* _EXERCISE GOAL_: From the data below, return the exact lines starting at the line containing "# Hole Wizard M8 _1 (through all)" and ending at the line containing "chamfer_1_edges = [part.edges().sort_by_distance(p)[0]", both included, and nothing else.

═══ ENTRIES PROVIDED

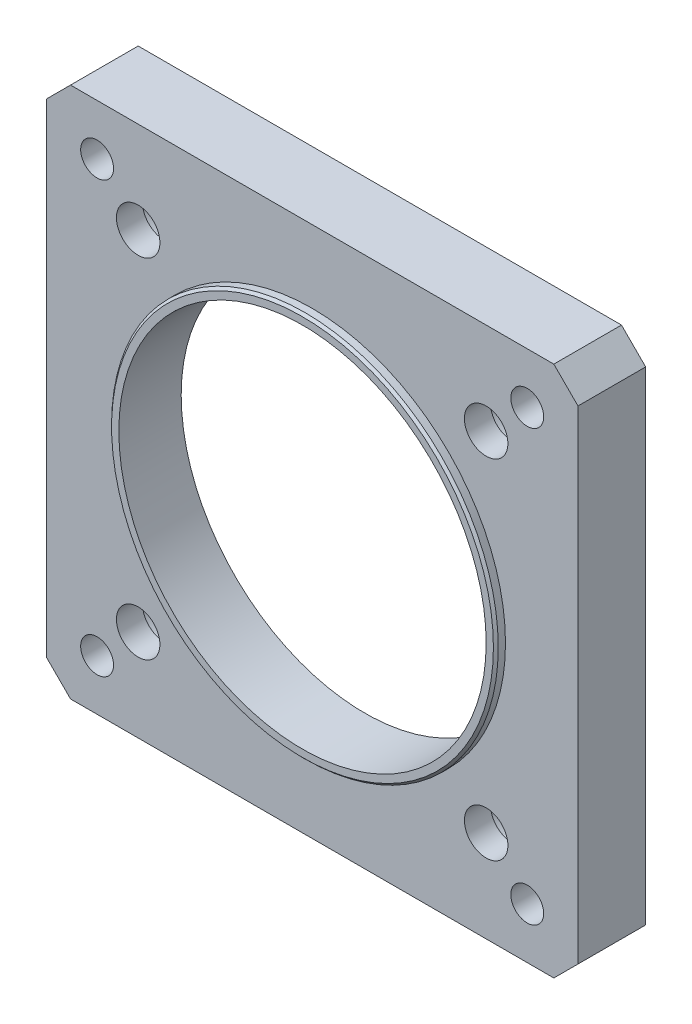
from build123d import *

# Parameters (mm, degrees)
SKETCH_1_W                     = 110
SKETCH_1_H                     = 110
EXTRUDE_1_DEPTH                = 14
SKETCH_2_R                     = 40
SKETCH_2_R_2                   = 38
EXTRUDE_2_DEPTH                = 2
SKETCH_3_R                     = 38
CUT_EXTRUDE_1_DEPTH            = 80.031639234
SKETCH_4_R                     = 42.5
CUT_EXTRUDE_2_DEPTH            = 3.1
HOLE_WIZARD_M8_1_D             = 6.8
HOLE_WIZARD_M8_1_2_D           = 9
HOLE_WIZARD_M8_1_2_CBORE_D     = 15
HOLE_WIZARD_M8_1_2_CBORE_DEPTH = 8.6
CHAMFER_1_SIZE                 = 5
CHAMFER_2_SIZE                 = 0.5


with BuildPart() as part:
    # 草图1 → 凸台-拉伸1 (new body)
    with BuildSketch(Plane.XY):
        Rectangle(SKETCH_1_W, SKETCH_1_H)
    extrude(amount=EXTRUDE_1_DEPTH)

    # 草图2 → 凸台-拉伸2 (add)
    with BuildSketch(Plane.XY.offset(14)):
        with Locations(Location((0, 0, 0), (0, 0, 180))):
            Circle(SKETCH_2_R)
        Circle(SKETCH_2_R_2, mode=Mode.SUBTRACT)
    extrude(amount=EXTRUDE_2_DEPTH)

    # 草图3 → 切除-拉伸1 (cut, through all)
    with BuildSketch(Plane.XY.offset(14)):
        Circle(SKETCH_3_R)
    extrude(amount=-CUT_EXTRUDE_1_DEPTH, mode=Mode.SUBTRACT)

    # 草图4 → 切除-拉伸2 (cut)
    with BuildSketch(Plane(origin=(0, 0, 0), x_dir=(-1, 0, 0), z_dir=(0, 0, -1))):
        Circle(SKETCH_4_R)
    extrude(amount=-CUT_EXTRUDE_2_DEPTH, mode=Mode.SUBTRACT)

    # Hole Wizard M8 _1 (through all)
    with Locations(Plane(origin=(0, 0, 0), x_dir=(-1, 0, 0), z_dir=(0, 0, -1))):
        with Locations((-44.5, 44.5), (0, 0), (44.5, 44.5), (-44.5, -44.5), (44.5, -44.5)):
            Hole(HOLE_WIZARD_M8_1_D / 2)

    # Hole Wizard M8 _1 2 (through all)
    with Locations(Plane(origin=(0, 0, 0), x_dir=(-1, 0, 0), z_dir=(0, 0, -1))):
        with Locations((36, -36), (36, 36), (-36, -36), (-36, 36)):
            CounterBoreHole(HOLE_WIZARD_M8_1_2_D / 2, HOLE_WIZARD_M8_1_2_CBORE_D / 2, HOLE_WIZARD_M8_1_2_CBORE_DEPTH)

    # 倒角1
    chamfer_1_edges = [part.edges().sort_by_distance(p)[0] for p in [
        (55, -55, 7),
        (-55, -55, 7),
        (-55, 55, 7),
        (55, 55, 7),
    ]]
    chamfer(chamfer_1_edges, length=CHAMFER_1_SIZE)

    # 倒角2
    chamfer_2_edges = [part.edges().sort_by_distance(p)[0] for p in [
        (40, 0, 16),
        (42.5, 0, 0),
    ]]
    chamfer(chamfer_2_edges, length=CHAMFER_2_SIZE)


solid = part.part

══════

* _WRITTEN RESPONSE_:
    # Hole Wizard M8 _1 (through all)
    with Locations(Plane(origin=(0, 0, 0), x_dir=(-1, 0, 0), z_dir=(0, 0, -1))):
        with Locations((-44.5, 44.5), (0, 0), (44.5, 44.5), (-44.5, -44.5), (44.5, -44.5)):
            Hole(HOLE_WIZARD_M8_1_D / 2)

    # Hole Wizard M8 _1 2 (through all)
    with Locations(Plane(origin=(0, 0, 0), x_dir=(-1, 0, 0), z_dir=(0, 0, -1))):
        with Locations((36, -36), (36, 36), (-36, -36), (-36, 36)):
            CounterBoreHole(HOLE_WIZARD_M8_1_2_D / 2, HOLE_WIZARD_M8_1_2_CBORE_D / 2, HOLE_WIZARD_M8_1_2_CBORE_DEPTH)

    # 倒角1
    chamfer_1_edges = [part.edges().sort_by_distance(p)[0] for p in [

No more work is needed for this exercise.